Task objective → Print nothing but the lines from the start of the listing below through the line that contains "from ifc_helpers import". Do not include the pictures.

BEGIN Record extracts

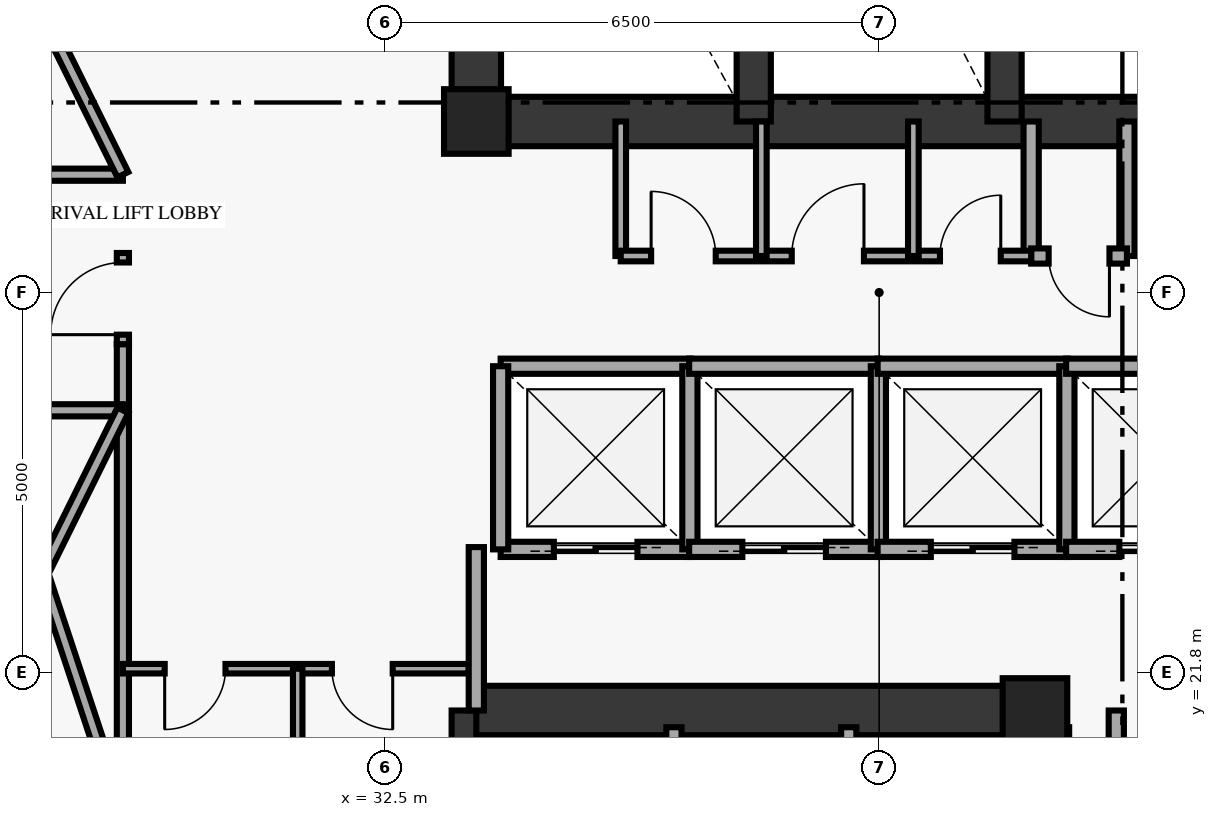
"""IFC4 building model, lengths in metres.
Left out: names, types, materials, properties, quantities, classifications, styles, units other than length and angle.
Written with IfcOpenShell. Run it as: python <this file> out.ifc"""

import sys

from ifc_helpers import new_model, si_unit, direction, frame, frame_2d, origin, origin_2d, place, context, subcontext, project, spatial, rectangle, extrude, element, fill, save


model = new_model("IFC4")
c1 = context("Model", 3, precision=1e-05, world=origin(), true_north=direction((0.0, 1.0)))
c2 = subcontext(c1, "Body", "Model", "MODEL_VIEW")
j1 = project(units=[si_unit("LENGTHUNIT", "METRE"), si_unit("PLANEANGLEUNIT", "RADIAN")], contexts=[c1])
p1 = place(None, origin())
s1 = spatial("IfcSite", under=j1, at=p1, CompositionType="ELEMENT")
p2 = place(p1, origin())
s2 = spatial("IfcBuilding", under=s1, at=p2, CompositionType="ELEMENT")
p3 = place(p2, frame((0.0, 0.0, 203.15)))
s3 = spatial("IfcBuildingStorey", under=s2, at=p3, CompositionType="ELEMENT", Elevation=203.15)
for number, where, z_axis, x_axis in (
    (1, (41.05, 21.3, 0.0), (0.0, 0.0, 1.0), (1.0, 0.0, 0.0)),
    (2, (33.7, 29.05, 0.0), (0.0, 0.0, 1.0), (1.0, 0.0, 0.0)),
):
    element("IfcColumn", number, at=place(p3, frame(where, z_axis=z_axis, x_axis=x_axis)), inside=s3, PredefinedType="PILASTER", context=c2, shape_type="SweptSolid", body=[
        extrude(rectangle(XDim=0.85, YDim=0.85, at=origin_2d()), origin(), (0.0, 0.0, 1.0), 4.76),
    ])
p4 = place(p3, frame((33.7, 29.05, 0.0), z_axis=(0.0, 0.0, 1.0), x_axis=(0.0, 1.0, 0.0)))
e3 = element("IfcWall", 3, at=p4, inside=s3, PredefinedType="SHEAR", context=c2, shape_type="SweptSolid", body=[
    extrude(rectangle(XDim=8.35, YDim=0.65, at=frame_2d((4.175, 0.0))), origin(), (0.0, 0.0, 1.0), 4.76),
])
p5 = place(p3, frame((33.7, 18.35, 0.0), z_axis=(0.0, 0.0, 1.0), x_axis=(0.0, 1.0, 0.0)))
e4 = element("IfcWall", 4, at=p5, inside=s3, PredefinedType="SHEAR", context=c2, shape_type="SweptSolid", body=[
    extrude(rectangle(XDim=2.95, YDim=0.65, at=frame_2d((1.475, 0.0))), origin(), (0.0, 0.0, 1.0), 4.76),
])
p6 = place(p3, frame((33.7, 29.05, 0.0), z_axis=(0.0, 0.0, 1.0), x_axis=(1.0, 0.0, 0.0)))
e5 = element("IfcWall", 5, at=p6, inside=s3, PredefinedType="SHEAR", context=c2, shape_type="SweptSolid", body=[
    extrude(rectangle(XDim=10.6, YDim=0.65, at=frame_2d((5.3, 0.0))), origin(), (0.0, 0.0, 1.0), 4.76),
])
p7 = place(p3, frame((33.7, 21.3, 0.0), z_axis=(0.0, 0.0, 1.0), x_axis=(1.0, 0.0, 0.0)))
e6 = element("IfcWall", 6, at=p7, inside=s3, PredefinedType="SHEAR", context=c2, shape_type="SweptSolid", body=[
    extrude(rectangle(XDim=7.55, YDim=0.65, at=frame_2d((3.775, 0.0))), origin(), (0.0, 0.0, 1.0), 4.76),
])
for number, where, z_axis, x_axis in (
    (7, (37.35, 29.05, 0.0), (0.0, 0.0, 1.0), (0.0, 1.0, 0.0)),
    (8, (40.65, 29.05, 0.0), (0.0, 0.0, 1.0), (0.0, 1.0, 0.0)),
):
    element("IfcWall", number, at=place(p3, frame(where, z_axis=z_axis, x_axis=x_axis)), inside=s3, PredefinedType="SHEAR", context=c2, shape_type="SweptSolid", body=[
        extrude(rectangle(XDim=8.35, YDim=0.45, at=frame_2d((4.175, 0.0))), origin(), (0.0, 0.0, 1.0), 4.76),
    ])
p8 = place(p3, frame((35.6, 27.28, 0.0), z_axis=(0.0, 0.0, 1.0), x_axis=(0.0, 1.0, 0.0)))
e9 = element("IfcWall", 9, at=p8, inside=s3, PredefinedType="PARTITIONING", context=c2, shape_type="SweptSolid", body=[
    extrude(rectangle(XDim=1.77, YDim=0.14, at=frame_2d((0.885, 0.0))), origin(), (0.0, 0.0, 1.0), 4.76),
])
for number, where, z_axis, x_axis in (
    (10, (41.0, 27.28, 0.0), (0.0, 0.0, 1.0), (0.0, 1.0, 0.0)),
    (11, (42.26, 27.28, 0.0), (0.0, 0.0, 1.0), (0.0, 1.0, 0.0)),
):
    element("IfcWall", number, at=place(p3, frame(where, z_axis=z_axis, x_axis=x_axis)), inside=s3, PredefinedType="SOLIDWALL", context=c2, shape_type="SweptSolid", body=[
        extrude(rectangle(XDim=1.77, YDim=0.2, at=frame_2d((0.885, 0.0))), origin(), (0.0, 0.0, 1.0), 4.76),
    ])
p9 = place(p3, frame((41.0, 27.28, 0.0), z_axis=(0.0, 0.0, 1.0), x_axis=(1.0, 0.0, 0.0)))
e12 = element("IfcWall", 12, at=p9, inside=s3, PredefinedType="SOLIDWALL", context=c2, shape_type="SweptSolid", body=[
    extrude(rectangle(XDim=1.26, YDim=0.2, at=frame_2d((0.63, 0.0))), origin(), (0.0, 0.0, 1.0), 4.76),
])
p10 = place(p9, frame((0.23, 0.0, 0.0)))
e13 = element("IfcOpeningElement", 13, at=p10, cuts=e12, PredefinedType="OPENING", context=c2, shape_type="SweptSolid", body=[
    extrude(rectangle(XDim=0.8, YDim=2.05, at=frame_2d((0.4, 1.025))), frame((0.0, 0.11, 0.0), z_axis=(0.0, -1.0, 0.0), x_axis=(1.0, 0.0, 0.0)), (0.0, 0.0, 1.0), 0.22),
])
p11 = place(p3, frame((34.02, 23.42, 0.0), z_axis=(0.0, 0.0, 1.0), x_axis=(1.0, 0.0, 0.0)))
e14 = element("IfcWall", 14, at=p11, inside=s3, PredefinedType="SOLIDWALL", context=c2, shape_type="SweptSolid", body=[
    extrude(rectangle(XDim=2.5, YDim=0.2, at=frame_2d((1.25, 0.0))), origin(), (0.0, 0.0, 1.0), 4.76),
])
p12 = place(p11, frame((0.7, 0.0, 0.0)))
e15 = element("IfcOpeningElement", 15, at=p12, cuts=e14, PredefinedType="OPENING", context=c2, shape_type="SweptSolid", body=[
    extrude(rectangle(XDim=1.1, YDim=2.15, at=frame_2d((0.55, 1.075))), frame((0.0, 0.11, 0.0), z_axis=(0.0, -1.0, 0.0), x_axis=(1.0, 0.0, 0.0)), (0.0, 0.0, 1.0), 0.22),
])
p13 = place(p3, frame((34.02, 25.83, 0.0), z_axis=(0.0, 0.0, 1.0), x_axis=(1.0, 0.0, 0.0)))
e16 = element("IfcWall", 16, at=p13, inside=s3, PredefinedType="SOLIDWALL", context=c2, shape_type="SweptSolid", body=[
    extrude(rectangle(XDim=2.5, YDim=0.2, at=frame_2d((1.25, 0.0))), origin(), (0.0, 0.0, 1.0), 4.76),
])
for number, where, z_axis, x_axis in (
    (17, (34.02, 23.42, 0.0), (0.0, 0.0, 1.0), (0.0, 1.0, 0.0)),
    (18, (36.51, 23.42, 0.0), (0.0, 0.0, 1.0), (0.0, 1.0, 0.0)),
):
    element("IfcWall", number, at=place(p3, frame(where, z_axis=z_axis, x_axis=x_axis)), inside=s3, PredefinedType="SOLIDWALL", context=c2, shape_type="SweptSolid", body=[
        extrude(rectangle(XDim=2.41, YDim=0.2, at=frame_2d((1.205, 0.0))), origin(), (0.0, 0.0, 1.0), 4.76),
    ])
p14 = place(p3, frame((36.5, 23.42, 0.0), z_axis=(0.0, 0.0, 1.0), x_axis=(1.0, 0.0, 0.0)))
e19 = element("IfcWall", 19, at=p14, inside=s3, PredefinedType="SOLIDWALL", context=c2, shape_type="SweptSolid", body=[
    extrude(rectangle(XDim=2.5, YDim=0.2, at=frame_2d((1.25, 0.0))), origin(), (0.0, 0.0, 1.0), 4.76),
])
p15 = place(p14, frame((0.7, 0.0, 0.0)))
e20 = element("IfcOpeningElement", 20, at=p15, cuts=e19, PredefinedType="OPENING", context=c2, shape_type="SweptSolid", body=[
    extrude(rectangle(XDim=1.1, YDim=2.15, at=frame_2d((0.55, 1.075))), frame((0.0, 0.11, 0.0), z_axis=(0.0, -1.0, 0.0), x_axis=(1.0, 0.0, 0.0)), (0.0, 0.0, 1.0), 0.22),
])
p16 = place(p3, frame((36.5, 25.83, 0.0), z_axis=(0.0, 0.0, 1.0), x_axis=(1.0, 0.0, 0.0)))
e21 = element("IfcWall", 21, at=p16, inside=s3, PredefinedType="SOLIDWALL", context=c2, shape_type="SweptSolid", body=[
    extrude(rectangle(XDim=2.5, YDim=0.2, at=frame_2d((1.25, 0.0))), origin(), (0.0, 0.0, 1.0), 4.76),
])
p17 = place(p3, frame((38.99, 23.42, 0.0), z_axis=(0.0, 0.0, 1.0), x_axis=(0.0, 1.0, 0.0)))
e22 = element("IfcWall", 22, at=p17, inside=s3, PredefinedType="SOLIDWALL", context=c2, shape_type="SweptSolid", body=[
    extrude(rectangle(XDim=2.41, YDim=0.2, at=frame_2d((1.205, 0.0))), origin(), (0.0, 0.0, 1.0), 4.76),
])
p18 = place(p3, frame((38.98, 23.42, 0.0), z_axis=(0.0, 0.0, 1.0), x_axis=(1.0, 0.0, 0.0)))
e23 = element("IfcWall", 23, at=p18, inside=s3, PredefinedType="SOLIDWALL", context=c2, shape_type="SweptSolid", body=[
    extrude(rectangle(XDim=2.5, YDim=0.2, at=frame_2d((1.25, 0.0))), origin(), (0.0, 0.0, 1.0), 4.76),
])
p19 = place(p18, frame((0.7, 0.0, 0.0)))
e24 = element("IfcOpeningElement", 24, at=p19, cuts=e23, PredefinedType="OPENING", context=c2, shape_type="SweptSolid", body=[
    extrude(rectangle(XDim=1.1, YDim=2.15, at=frame_2d((0.55, 1.075))), frame((0.0, 0.11, 0.0), z_axis=(0.0, -1.0, 0.0), x_axis=(1.0, 0.0, 0.0)), (0.0, 0.0, 1.0), 0.22),
])
p20 = place(p3, frame((38.98, 25.83, 0.0), z_axis=(0.0, 0.0, 1.0), x_axis=(1.0, 0.0, 0.0)))
e25 = element("IfcWall", 25, at=p20, inside=s3, PredefinedType="SOLIDWALL", context=c2, shape_type="SweptSolid", body=[
    extrude(rectangle(XDim=2.5, YDim=0.2, at=frame_2d((1.25, 0.0))), origin(), (0.0, 0.0, 1.0), 4.76),
])
p21 = place(p3, frame((41.47, 23.42, 0.0), z_axis=(0.0, 0.0, 1.0), x_axis=(0.0, 1.0, 0.0)))
e26 = element("IfcWall", 26, at=p21, inside=s3, PredefinedType="SOLIDWALL", context=c2, shape_type="SweptSolid", body=[
    extrude(rectangle(XDim=2.41, YDim=0.2, at=frame_2d((1.205, 0.0))), origin(), (0.0, 0.0, 1.0), 4.76),
])
p22 = place(p3, frame((41.46, 23.42, 0.0), z_axis=(0.0, 0.0, 1.0), x_axis=(1.0, 0.0, 0.0)))
e27 = element("IfcWall", 27, at=p22, inside=s3, PredefinedType="SOLIDWALL", context=c2, shape_type="SweptSolid", body=[
    extrude(rectangle(XDim=2.5, YDim=0.2, at=frame_2d((1.25, 0.0))), origin(), (0.0, 0.0, 1.0), 4.76),
])
p23 = place(p22, frame((0.7, 0.0, 0.0)))
e28 = element("IfcOpeningElement", 28, at=p23, cuts=e27, PredefinedType="OPENING", context=c2, shape_type="SweptSolid", body=[
    extrude(rectangle(XDim=1.1, YDim=2.15, at=frame_2d((0.55, 1.075))), frame((0.0, 0.11, 0.0), z_axis=(0.0, -1.0, 0.0), x_axis=(1.0, 0.0, 0.0)), (0.0, 0.0, 1.0), 0.22),
])
p24 = place(p3, frame((41.46, 25.83, 0.0), z_axis=(0.0, 0.0, 1.0), x_axis=(1.0, 0.0, 0.0)))
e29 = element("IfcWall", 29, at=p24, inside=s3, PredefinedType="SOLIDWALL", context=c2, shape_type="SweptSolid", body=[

END Record extracts

Result for this exercise →
"""IFC4 building model, lengths in metres.
Left out: names, types, materials, properties, quantities, classifications, styles, units other than length and angle.
Written with IfcOpenShell. Run it as: python <this file> out.ifc"""

import sys

from ifc_helpers import new_model, si_unit, direction, frame, frame_2d, origin, origin_2d, place, context, subcontext, project, spatial, rectangle, extrude, element, fill, save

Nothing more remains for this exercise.